## [Work task]
Nothing but the lines from the first line of the records through the line with "p2 = place(p1, origin())" should be output, exactly as written and free of pictures.

======== Source records ========

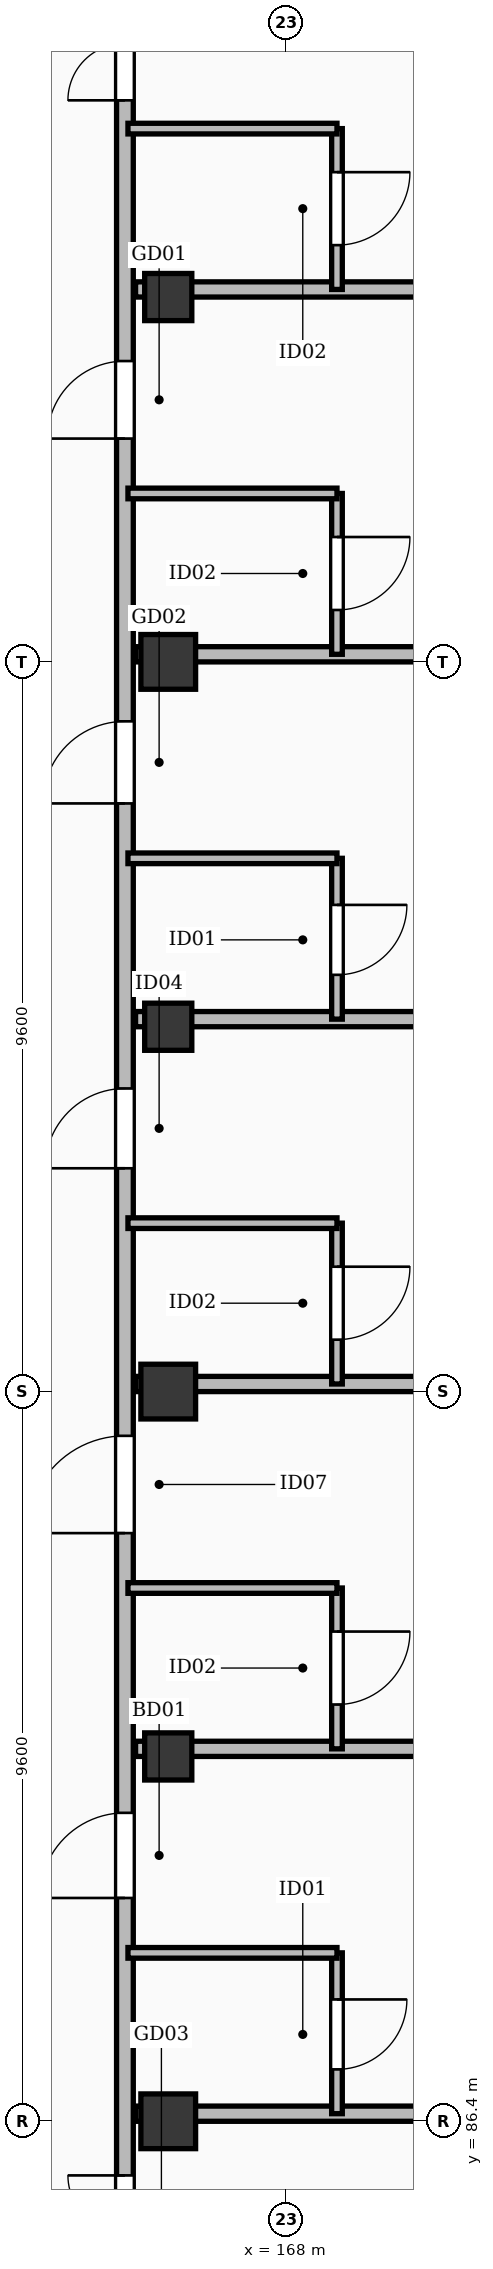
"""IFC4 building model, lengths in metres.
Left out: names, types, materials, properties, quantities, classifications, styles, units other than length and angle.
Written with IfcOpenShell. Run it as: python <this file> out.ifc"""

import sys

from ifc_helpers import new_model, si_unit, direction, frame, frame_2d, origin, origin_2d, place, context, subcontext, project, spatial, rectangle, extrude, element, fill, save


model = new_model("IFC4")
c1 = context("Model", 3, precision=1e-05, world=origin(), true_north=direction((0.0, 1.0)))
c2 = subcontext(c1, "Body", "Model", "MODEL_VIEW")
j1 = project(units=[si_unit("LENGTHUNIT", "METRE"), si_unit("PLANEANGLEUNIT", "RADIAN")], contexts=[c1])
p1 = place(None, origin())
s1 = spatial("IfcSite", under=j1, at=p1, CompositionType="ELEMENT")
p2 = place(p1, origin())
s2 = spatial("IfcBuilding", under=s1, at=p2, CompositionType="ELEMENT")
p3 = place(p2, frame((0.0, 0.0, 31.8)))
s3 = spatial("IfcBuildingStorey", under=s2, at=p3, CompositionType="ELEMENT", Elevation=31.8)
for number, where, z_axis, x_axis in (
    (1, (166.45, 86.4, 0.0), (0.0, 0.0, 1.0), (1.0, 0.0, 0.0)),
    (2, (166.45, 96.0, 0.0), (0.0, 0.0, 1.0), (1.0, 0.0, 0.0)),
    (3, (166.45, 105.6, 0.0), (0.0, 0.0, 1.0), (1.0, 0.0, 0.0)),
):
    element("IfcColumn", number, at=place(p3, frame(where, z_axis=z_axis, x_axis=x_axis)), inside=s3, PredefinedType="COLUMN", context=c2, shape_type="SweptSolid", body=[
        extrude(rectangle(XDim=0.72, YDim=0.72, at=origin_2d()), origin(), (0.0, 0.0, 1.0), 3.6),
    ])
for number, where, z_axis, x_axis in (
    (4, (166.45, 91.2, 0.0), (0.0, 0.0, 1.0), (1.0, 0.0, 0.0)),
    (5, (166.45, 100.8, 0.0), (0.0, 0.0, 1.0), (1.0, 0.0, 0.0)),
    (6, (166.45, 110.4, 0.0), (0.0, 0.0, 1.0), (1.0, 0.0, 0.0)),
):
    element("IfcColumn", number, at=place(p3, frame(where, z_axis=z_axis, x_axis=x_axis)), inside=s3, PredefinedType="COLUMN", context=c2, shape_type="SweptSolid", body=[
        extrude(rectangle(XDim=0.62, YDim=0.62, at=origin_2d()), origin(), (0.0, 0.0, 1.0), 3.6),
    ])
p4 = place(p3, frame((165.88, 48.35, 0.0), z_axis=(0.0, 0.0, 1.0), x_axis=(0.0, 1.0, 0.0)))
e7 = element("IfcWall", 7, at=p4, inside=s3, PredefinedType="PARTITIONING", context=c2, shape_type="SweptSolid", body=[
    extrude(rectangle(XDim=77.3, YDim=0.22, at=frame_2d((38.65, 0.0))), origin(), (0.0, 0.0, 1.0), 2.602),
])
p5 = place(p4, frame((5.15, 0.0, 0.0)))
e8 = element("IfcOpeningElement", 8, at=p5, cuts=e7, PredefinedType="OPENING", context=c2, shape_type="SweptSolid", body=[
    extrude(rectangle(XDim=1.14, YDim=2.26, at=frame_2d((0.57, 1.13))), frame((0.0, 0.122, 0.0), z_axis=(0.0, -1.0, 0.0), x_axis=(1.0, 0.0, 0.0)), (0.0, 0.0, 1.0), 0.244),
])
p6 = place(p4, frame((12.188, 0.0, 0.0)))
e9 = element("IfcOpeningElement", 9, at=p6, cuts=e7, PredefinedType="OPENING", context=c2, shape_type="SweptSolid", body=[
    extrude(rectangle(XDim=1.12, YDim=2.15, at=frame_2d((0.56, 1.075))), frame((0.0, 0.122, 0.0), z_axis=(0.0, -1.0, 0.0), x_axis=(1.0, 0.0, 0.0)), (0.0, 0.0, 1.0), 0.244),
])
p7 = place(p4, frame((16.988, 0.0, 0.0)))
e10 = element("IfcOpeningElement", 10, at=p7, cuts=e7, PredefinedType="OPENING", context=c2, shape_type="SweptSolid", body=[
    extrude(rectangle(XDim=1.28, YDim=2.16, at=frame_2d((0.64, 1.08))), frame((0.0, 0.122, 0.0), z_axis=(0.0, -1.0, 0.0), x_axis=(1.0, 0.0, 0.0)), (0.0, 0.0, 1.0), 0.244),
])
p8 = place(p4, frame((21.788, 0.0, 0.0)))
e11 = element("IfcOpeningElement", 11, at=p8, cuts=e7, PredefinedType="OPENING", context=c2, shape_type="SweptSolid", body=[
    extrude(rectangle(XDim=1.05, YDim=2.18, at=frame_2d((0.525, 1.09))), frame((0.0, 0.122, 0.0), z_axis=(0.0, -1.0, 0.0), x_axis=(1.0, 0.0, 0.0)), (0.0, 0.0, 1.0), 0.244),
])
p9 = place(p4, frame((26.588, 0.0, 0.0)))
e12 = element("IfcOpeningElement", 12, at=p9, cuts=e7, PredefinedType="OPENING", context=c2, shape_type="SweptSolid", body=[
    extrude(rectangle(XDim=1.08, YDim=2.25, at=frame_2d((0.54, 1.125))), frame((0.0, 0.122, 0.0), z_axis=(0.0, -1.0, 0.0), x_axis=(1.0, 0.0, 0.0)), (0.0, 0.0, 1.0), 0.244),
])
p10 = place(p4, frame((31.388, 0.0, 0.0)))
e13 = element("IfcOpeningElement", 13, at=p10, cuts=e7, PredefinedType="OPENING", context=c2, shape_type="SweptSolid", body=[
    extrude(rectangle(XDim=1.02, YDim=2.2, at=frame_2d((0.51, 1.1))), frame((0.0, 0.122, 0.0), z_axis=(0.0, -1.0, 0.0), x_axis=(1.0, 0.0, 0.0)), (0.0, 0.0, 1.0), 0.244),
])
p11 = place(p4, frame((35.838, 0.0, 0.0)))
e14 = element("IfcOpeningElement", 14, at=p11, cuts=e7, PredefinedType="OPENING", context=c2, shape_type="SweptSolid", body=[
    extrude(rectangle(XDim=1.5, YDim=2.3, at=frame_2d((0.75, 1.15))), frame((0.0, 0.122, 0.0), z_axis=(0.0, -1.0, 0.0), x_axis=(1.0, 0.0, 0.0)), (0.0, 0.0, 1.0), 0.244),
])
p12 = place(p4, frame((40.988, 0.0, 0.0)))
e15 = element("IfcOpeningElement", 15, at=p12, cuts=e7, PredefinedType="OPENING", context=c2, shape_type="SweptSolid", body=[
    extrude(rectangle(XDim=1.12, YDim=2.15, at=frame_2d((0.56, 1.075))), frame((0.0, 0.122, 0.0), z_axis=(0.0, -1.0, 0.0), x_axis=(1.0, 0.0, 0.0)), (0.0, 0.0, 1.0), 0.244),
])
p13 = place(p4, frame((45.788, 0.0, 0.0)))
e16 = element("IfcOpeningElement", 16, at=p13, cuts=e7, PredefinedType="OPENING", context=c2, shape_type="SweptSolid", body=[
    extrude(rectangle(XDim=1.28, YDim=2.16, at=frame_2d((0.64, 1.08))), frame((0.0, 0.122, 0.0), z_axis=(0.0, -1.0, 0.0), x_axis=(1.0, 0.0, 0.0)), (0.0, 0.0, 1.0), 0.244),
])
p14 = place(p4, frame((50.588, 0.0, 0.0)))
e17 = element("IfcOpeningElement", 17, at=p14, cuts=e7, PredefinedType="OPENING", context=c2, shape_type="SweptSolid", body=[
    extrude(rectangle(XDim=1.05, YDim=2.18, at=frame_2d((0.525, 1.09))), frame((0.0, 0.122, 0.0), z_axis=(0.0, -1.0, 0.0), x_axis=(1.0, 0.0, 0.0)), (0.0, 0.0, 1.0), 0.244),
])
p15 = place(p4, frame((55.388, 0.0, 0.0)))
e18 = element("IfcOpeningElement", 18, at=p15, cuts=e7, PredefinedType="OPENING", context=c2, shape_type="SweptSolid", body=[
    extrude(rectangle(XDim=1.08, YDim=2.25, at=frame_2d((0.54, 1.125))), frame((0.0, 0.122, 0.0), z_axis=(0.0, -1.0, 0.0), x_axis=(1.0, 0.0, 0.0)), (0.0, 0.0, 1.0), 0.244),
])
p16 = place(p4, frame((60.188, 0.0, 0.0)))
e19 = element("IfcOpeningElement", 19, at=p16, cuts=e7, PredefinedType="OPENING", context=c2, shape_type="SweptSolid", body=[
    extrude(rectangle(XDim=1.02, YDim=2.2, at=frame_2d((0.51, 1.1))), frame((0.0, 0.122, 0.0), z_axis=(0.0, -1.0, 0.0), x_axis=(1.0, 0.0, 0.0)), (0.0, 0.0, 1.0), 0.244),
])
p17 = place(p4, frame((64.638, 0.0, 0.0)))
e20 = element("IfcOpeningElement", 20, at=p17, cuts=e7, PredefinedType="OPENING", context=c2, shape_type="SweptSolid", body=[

========

## [Written response]
"""IFC4 building model, lengths in metres.
Left out: names, types, materials, properties, quantities, classifications, styles, units other than length and angle.
Written with IfcOpenShell. Run it as: python <this file> out.ifc"""

import sys

from ifc_helpers import new_model, si_unit, direction, frame, frame_2d, origin, origin_2d, place, context, subcontext, project, spatial, rectangle, extrude, element, fill, save


model = new_model("IFC4")
c1 = context("Model", 3, precision=1e-05, world=origin(), true_north=direction((0.0, 1.0)))
c2 = subcontext(c1, "Body", "Model", "MODEL_VIEW")
j1 = project(units=[si_unit("LENGTHUNIT", "METRE"), si_unit("PLANEANGLEUNIT", "RADIAN")], contexts=[c1])
p1 = place(None, origin())
s1 = spatial("IfcSite", under=j1, at=p1, CompositionType="ELEMENT")
p2 = place(p1, origin())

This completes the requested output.